● **Recorded data**
■ ■ ■

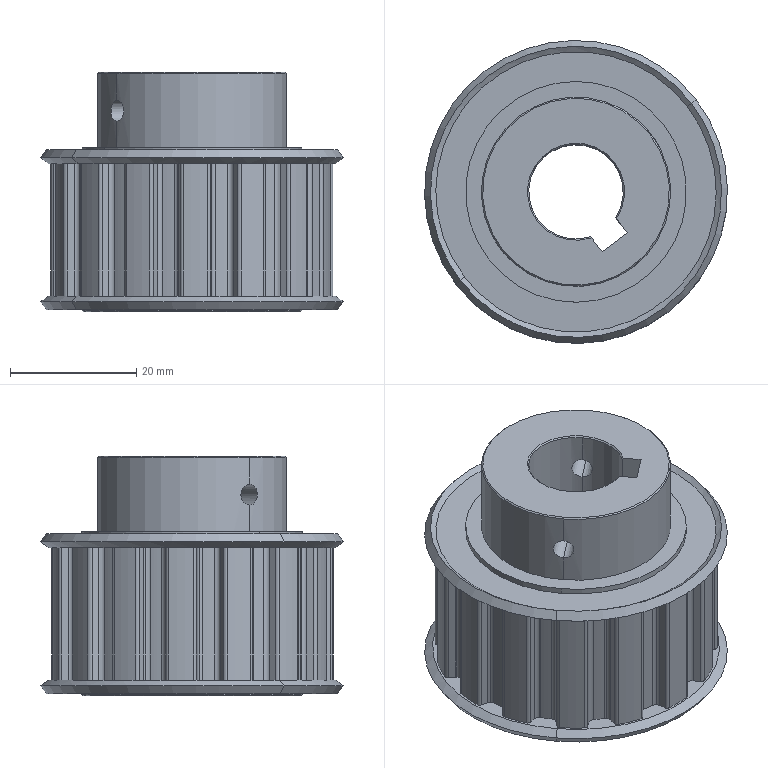Component | SolidWorks | ATPA15L075_B_H15-2-1 | 1 solid | 178 faces | box 48 x 48 x 38 mm | volume 38952 mm3 | cylinder 116 | plane 40 | cone 22 | commonest cylinder face diameters 1.06 x37 1.72 x36 40.46 x15 44.72 x15 3.3 x4 35 x4 15 x3 30 x2
build123d program:
from build123d import *

# Parameters (mm, degrees)
SKETCH2_W          = 89.44
SKETCH2_H          = 89.44
CUT_EXTRUDE1_DEPTH = 21
SKETCH3_W          = 5
SKETCH3_H          = 3
CUT_EXTRUDE2_DEPTH = 51.951
M4_TAPPED_HOLE1_D  = 3.3


with BuildPart() as part:
    # Sketch1 → Revolve1 (revolve)
    with BuildSketch(Plane.XY, mode=Mode.PRIVATE) as revolve1_sk:
        Polygon((0, 17.3), (0, 7.7), (0.2, 7.5), (37.8, 7.5), (38, 7.7), (38, 14.8), (37.8, 15), (26, 15), (26, 17.5), (25.1, 17.5), (25.1, 22.227), (25.702, 23.07), (24.4, 24), (23.5, 22.74), (2.5, 22.74), (1.6, 24), (0.298, 23.07), (0.9, 22.227), (0.9, 17.5), (0.2, 17.5), align=None)
    revolve(revolve1_sk.sketch.rotate(Axis((38, 0, 0), (-1, 0, 0)), 270), axis=Axis((38, 0, 0), (-1, 0, 0)))

    # Sketch2 → Cut-Extrude1 (cut)
    with BuildSketch(Plane(origin=(2.5, 0, 0), x_dir=(0, 0, -1), z_dir=(1, 0, 0))):
        Rectangle(SKETCH2_W, SKETCH2_H)
        with BuildLine():
            Line((-21.955, -0.1348), (-20.845, -0.4115))
            ThreePointArc((-20.845, -0.4115), (-20.391, -0.6967), (-20.195, -1.195))
            ThreePointArc((-20.195, -1.195), (-20.119, -2.115), (-20.002, -3.03))
            ThreePointArc((-20.002, -3.03), (-20.091, -3.558), (-20.475, -3.931))
            Line((-20.475, -3.931), (-21.503, -4.433))
            ThreePointArc((-21.503, -4.433), (-21.749, -4.681), (-21.787, -5.028))
            ThreePointArc((-21.787, -5.028), (-21.547, -5.975), (-21.266, -6.91))
            ThreePointArc((-21.266, -6.91), (-20.944, -7.831), (-20.582, -8.738))
            ThreePointArc((-20.582, -8.738), (-20.347, -8.997), (-20.002, -9.053))
            Line((-20.002, -9.053), (-18.876, -8.854))
            ThreePointArc((-18.876, -8.854), (-18.345, -8.93), (-17.963, -9.306))
            ThreePointArc((-17.963, -9.306), (-17.52, -10.115), (-17.04, -10.903))
            ThreePointArc((-17.04, -10.903), (-16.907, -11.422), (-17.106, -11.92))
            Line((-17.106, -11.92), (-17.841, -12.796))
            ThreePointArc((-17.841, -12.796), (-17.965, -13.122), (-17.858, -13.455))
            ThreePointArc((-17.858, -13.455), (-17.254, -14.222), (-16.617, -14.962))
            ThreePointArc((-16.617, -14.962), (-15.948, -15.673), (-15.248, -16.354))
            ThreePointArc((-15.248, -16.354), (-14.928, -16.495), (-14.591, -16.406))
            Line((-14.591, -16.406), (-13.642, -15.766))
            ThreePointArc((-13.642, -15.766), (-13.127, -15.62), (-12.625, -15.807))
            ThreePointArc((-12.625, -15.807), (-11.891, -16.366), (-11.132, -16.891))
            ThreePointArc((-11.132, -16.891), (-10.799, -17.311), (-10.779, -17.847))
            Line((-10.779, -17.847), (-11.094, -18.946))
            ThreePointArc((-11.094, -18.946), (-11.074, -19.295), (-10.842, -19.556))
            ThreePointArc((-10.842, -19.556), (-9.978, -20.01), (-9.095, -20.427))
            ThreePointArc((-9.095, -20.427), (-8.194, -20.804), (-7.278, -21.142))
            ThreePointArc((-7.278, -21.142), (-6.929, -21.141), (-6.656, -20.922))
            Line((-6.656, -20.922), (-6.05, -19.952))
            ThreePointArc((-6.05, -19.952), (-5.639, -19.609), (-5.104, -19.576))
            ThreePointArc((-5.104, -19.576), (-4.206, -19.788), (-3.3, -19.959))
            ThreePointArc((-3.3, -19.959), (-2.824, -20.207), (-2.588, -20.688))
            Line((-2.588, -20.688), (-2.429, -21.821))
            ThreePointArc((-2.429, -21.821), (-2.269, -22.131), (-1.95, -22.275))
            ThreePointArc((-1.95, -22.275), (-0.9761, -22.339), (0, -22.36))
            ThreePointArc((0, -22.36), (0.9761, -22.339), (1.95, -22.275))
            ThreePointArc((1.95, -22.275), (2.269, -22.131), (2.429, -21.821))
            Line((2.429, -21.821), (2.588, -20.688))
            ThreePointArc((2.588, -20.688), (2.824, -20.207), (3.3, -19.959))
            ThreePointArc((3.3, -19.959), (4.206, -19.788), (5.104, -19.576))
            ThreePointArc((5.104, -19.576), (5.639, -19.609), (6.05, -19.952))
            Line((6.05, -19.952), (6.656, -20.922))
            ThreePointArc((6.656, -20.922), (6.929, -21.141), (7.278, -21.142))
            ThreePointArc((7.278, -21.142), (8.194, -20.804), (9.095, -20.427))
            ThreePointArc((9.095, -20.427), (9.978, -20.01), (10.842, -19.556))
            ThreePointArc((10.842, -19.556), (11.074, -19.295), (11.094, -18.946))
            Line((11.094, -18.946), (10.779, -17.847))
            ThreePointArc((10.779, -17.847), (10.799, -17.311), (11.132, -16.891))
            ThreePointArc((11.132, -16.891), (11.891, -16.366), (12.625, -15.807))
            ThreePointArc((12.625, -15.807), (13.127, -15.62), (13.642, -15.766))
            Line((13.642, -15.766), (14.591, -16.406))
            ThreePointArc((14.591, -16.406), (14.928, -16.495), (15.248, -16.354))
            ThreePointArc((15.248, -16.354), (15.948, -15.673), (16.617, -14.962))
            ThreePointArc((16.617, -14.962), (17.254, -14.222), (17.858, -13.455))
            ThreePointArc((17.858, -13.455), (17.965, -13.122), (17.841, -12.796))
            Line((17.841, -12.796), (17.106, -11.92))
            ThreePointArc((17.106, -11.92), (16.907, -11.422), (17.04, -10.903))
            ThreePointArc((17.04, -10.903), (17.52, -10.115), (17.963, -9.306))
            ThreePointArc((17.963, -9.306), (18.345, -8.93), (18.876, -8.854))
            Line((18.876, -8.854), (20.002, -9.053))
            ThreePointArc((20.002, -9.053), (20.347, -8.997), (20.582, -8.738))
            ThreePointArc((20.582, -8.738), (20.944, -7.831), (21.266, -6.91))
            ThreePointArc((21.266, -6.91), (21.547, -5.975), (21.787, -5.028))
            ThreePointArc((21.787, -5.028), (21.749, -4.681), (21.503, -4.433))
            Line((21.503, -4.433), (20.475, -3.931))
            ThreePointArc((20.475, -3.931), (20.091, -3.558), (20.002, -3.03))
            ThreePointArc((20.002, -3.03), (20.119, -2.115), (20.195, -1.195))
            ThreePointArc((20.195, -1.195), (20.391, -0.6967), (20.845, -0.4115))
            Line((20.845, -0.4115), (21.955, -0.1348))
            ThreePointArc((21.955, -0.1348), (22.247, 0.05676), (22.357, 0.3886))
            ThreePointArc((22.357, 0.3886), (22.318, 1.364), (22.238, 2.337))
            ThreePointArc((22.238, 2.337), (22.114, 3.306), (21.949, 4.268))
            ThreePointArc((21.949, 4.268), (21.773, 4.57), (21.447, 4.697))
            Line((21.447, 4.697), (20.304, 4.736))
            ThreePointArc((20.304, 4.736), (19.801, 4.921), (19.505, 5.368))
            ThreePointArc((19.505, 5.368), (19.24, 6.251), (18.935, 7.122))
            ThreePointArc((18.935, 7.122), (18.912, 7.657), (19.21, 8.103))
            Line((19.21, 8.103), (20.112, 8.807))
            ThreePointArc((20.112, 8.807), (20.301, 9.101), (20.266, 9.448))
            ThreePointArc((20.266, 9.448), (19.834, 10.324), (19.364, 11.18))
            ThreePointArc((19.364, 11.18), (18.858, 12.015), (18.315, 12.826))
            ThreePointArc((18.315, 12.826), (18.032, 13.031), (17.683, 13.014))
            Line((17.683, 13.014), (16.622, 12.585))
            ThreePointArc((16.622, 12.585), (16.087, 12.549), (15.635, 12.837))
            ThreePointArc((15.635, 12.837), (15.034, 13.537), (14.401, 14.208))
            ThreePointArc((14.401, 14.208), (14.162, 14.688), (14.254, 15.216))
            Line((14.254, 15.216), (14.791, 16.225))
            ThreePointArc((14.791, 16.225), (14.844, 16.571), (14.671, 16.874))
            ThreePointArc((14.671, 16.874), (13.92, 17.499), (13.143, 18.09))
            ThreePointArc((13.143, 18.09), (12.341, 18.646), (11.515, 19.167))
            ThreePointArc((11.515, 19.167), (11.173, 19.238), (10.861, 19.081))
            Line((10.861, 19.081), (10.066, 18.258))
            ThreePointArc((10.066, 18.258), (9.592, 18.008), (9.062, 18.087))
            ThreePointArc((9.062, 18.087), (8.228, 18.481), (7.377, 18.837))
            ThreePointArc((7.377, 18.837), (6.964, 19.178), (6.833, 19.698))
            Line((6.833, 19.698), (6.913, 20.839))
            ThreePointArc((6.913, 20.839), (6.821, 21.176), (6.539, 21.383))
            ThreePointArc((6.539, 21.383), (5.599, 21.648), (4.649, 21.871))
            ThreePointArc((4.649, 21.871), (3.69, 22.053), (2.723, 22.194))
            ThreePointArc((2.723, 22.194), (2.382, 22.119), (2.161, 21.849))
            Line((2.161, 21.849), (1.77, 20.774))
            ThreePointArc((1.77, 20.774), (1.439, 20.353), (0.9223, 20.209))
            ThreePointArc((0.9223, 20.209), (0, 20.23), (-0.9223, 20.209))
            ThreePointArc((-0.9223, 20.209), (-1.439, 20.353), (-1.77, 20.774))
            Line((-1.77, 20.774), (-2.161, 21.849))
            ThreePointArc((-2.161, 21.849), (-2.382, 22.119), (-2.723, 22.194))
            ThreePointArc((-2.723, 22.194), (-3.69, 22.053), (-4.649, 21.871))
            ThreePointArc((-4.649, 21.871), (-5.599, 21.648), (-6.539, 21.383))
            ThreePointArc((-6.539, 21.383), (-6.821, 21.176), (-6.913, 20.839))
            Line((-6.913, 20.839), (-6.833, 19.698))
            ThreePointArc((-6.833, 19.698), (-6.964, 19.178), (-7.377, 18.837))
            ThreePointArc((-7.377, 18.837), (-8.228, 18.481), (-9.062, 18.087))
            ThreePointArc((-9.062, 18.087), (-9.592, 18.008), (-10.066, 18.258))
            Line((-10.066, 18.258), (-10.861, 19.081))
            ThreePointArc((-10.861, 19.081), (-11.173, 19.238), (-11.515, 19.167))
            ThreePointArc((-11.515, 19.167), (-12.341, 18.646), (-13.143, 18.09))
            ThreePointArc((-13.143, 18.09), (-13.92, 17.499), (-14.671, 16.874))
            ThreePointArc((-14.671, 16.874), (-14.844, 16.571), (-14.791, 16.225))
            Line((-14.791, 16.225), (-14.254, 15.216))
            ThreePointArc((-14.254, 15.216), (-14.162, 14.688), (-14.401, 14.208))
            ThreePointArc((-14.401, 14.208), (-15.034, 13.537), (-15.635, 12.837))
            ThreePointArc((-15.635, 12.837), (-16.087, 12.549), (-16.622, 12.585))
            Line((-16.622, 12.585), (-17.683, 13.014))
            ThreePointArc((-17.683, 13.014), (-18.032, 13.031), (-18.315, 12.826))
            ThreePointArc((-18.315, 12.826), (-18.858, 12.015), (-19.364, 11.18))
            ThreePointArc((-19.364, 11.18), (-19.834, 10.324), (-20.266, 9.448))
            ThreePointArc((-20.266, 9.448), (-20.301, 9.101), (-20.112, 8.807))
            Line((-20.112, 8.807), (-19.21, 8.103))
            ThreePointArc((-19.21, 8.103), (-18.912, 7.657), (-18.935, 7.122))
            ThreePointArc((-18.935, 7.122), (-19.24, 6.251), (-19.505, 5.368))
            ThreePointArc((-19.505, 5.368), (-19.801, 4.921), (-20.304, 4.736))
            Line((-20.304, 4.736), (-21.447, 4.697))
            ThreePointArc((-21.447, 4.697), (-21.773, 4.57), (-21.949, 4.268))
            ThreePointArc((-21.949, 4.268), (-22.114, 3.306), (-22.238, 2.337))
            ThreePointArc((-22.238, 2.337), (-22.318, 1.364), (-22.357, 0.3886))
            ThreePointArc((-22.357, 0.3886), (-22.247, 0.05676), (-21.955, -0.1348))
        make_face(mode=Mode.SUBTRACT)
    extrude(amount=CUT_EXTRUDE1_DEPTH, mode=Mode.SUBTRACT)

    # Sketch3 → Cut-Extrude2 (cut, through all)
    with BuildSketch(Plane(origin=(38, 0, 0), x_dir=(0, 0, -1), z_dir=(1, 0, 0))):
        with Locations((0, 8.571)):
            Rectangle(SKETCH3_W, SKETCH3_H)
    extrude(amount=-CUT_EXTRUDE2_DEPTH, mode=Mode.SUBTRACT)

    # M4 Tapped Hole1 (through all)
    with Locations(Plane(origin=(0, 0, -15), x_dir=(1, 0, 0), z_dir=(0, 0, -1))):
        with Locations((31.9, 0)):
            Hole(M4_TAPPED_HOLE1_D / 2)


solid = part.part

# Placed as in the assembly
solid = solid.moved(Location((647.283, -168.115, -199), (-90, 52.559, -89.999)))

■ ■ ■

● **Exercise requirements**
Starting at the line above that contains "-16.366), (12.625, -15.807))", repeat each line exactly up to and including the line that contains "-16.495), (15.248, -16.354))", and stop there.

● **Output of the task**
            ThreePointArc((11.132, -16.891), (11.891, -16.366), (12.625, -15.807))
            ThreePointArc((12.625, -15.807), (13.127, -15.62), (13.642, -15.766))
            Line((13.642, -15.766), (14.591, -16.406))
            ThreePointArc((14.591, -16.406), (14.928, -16.495), (15.248, -16.354))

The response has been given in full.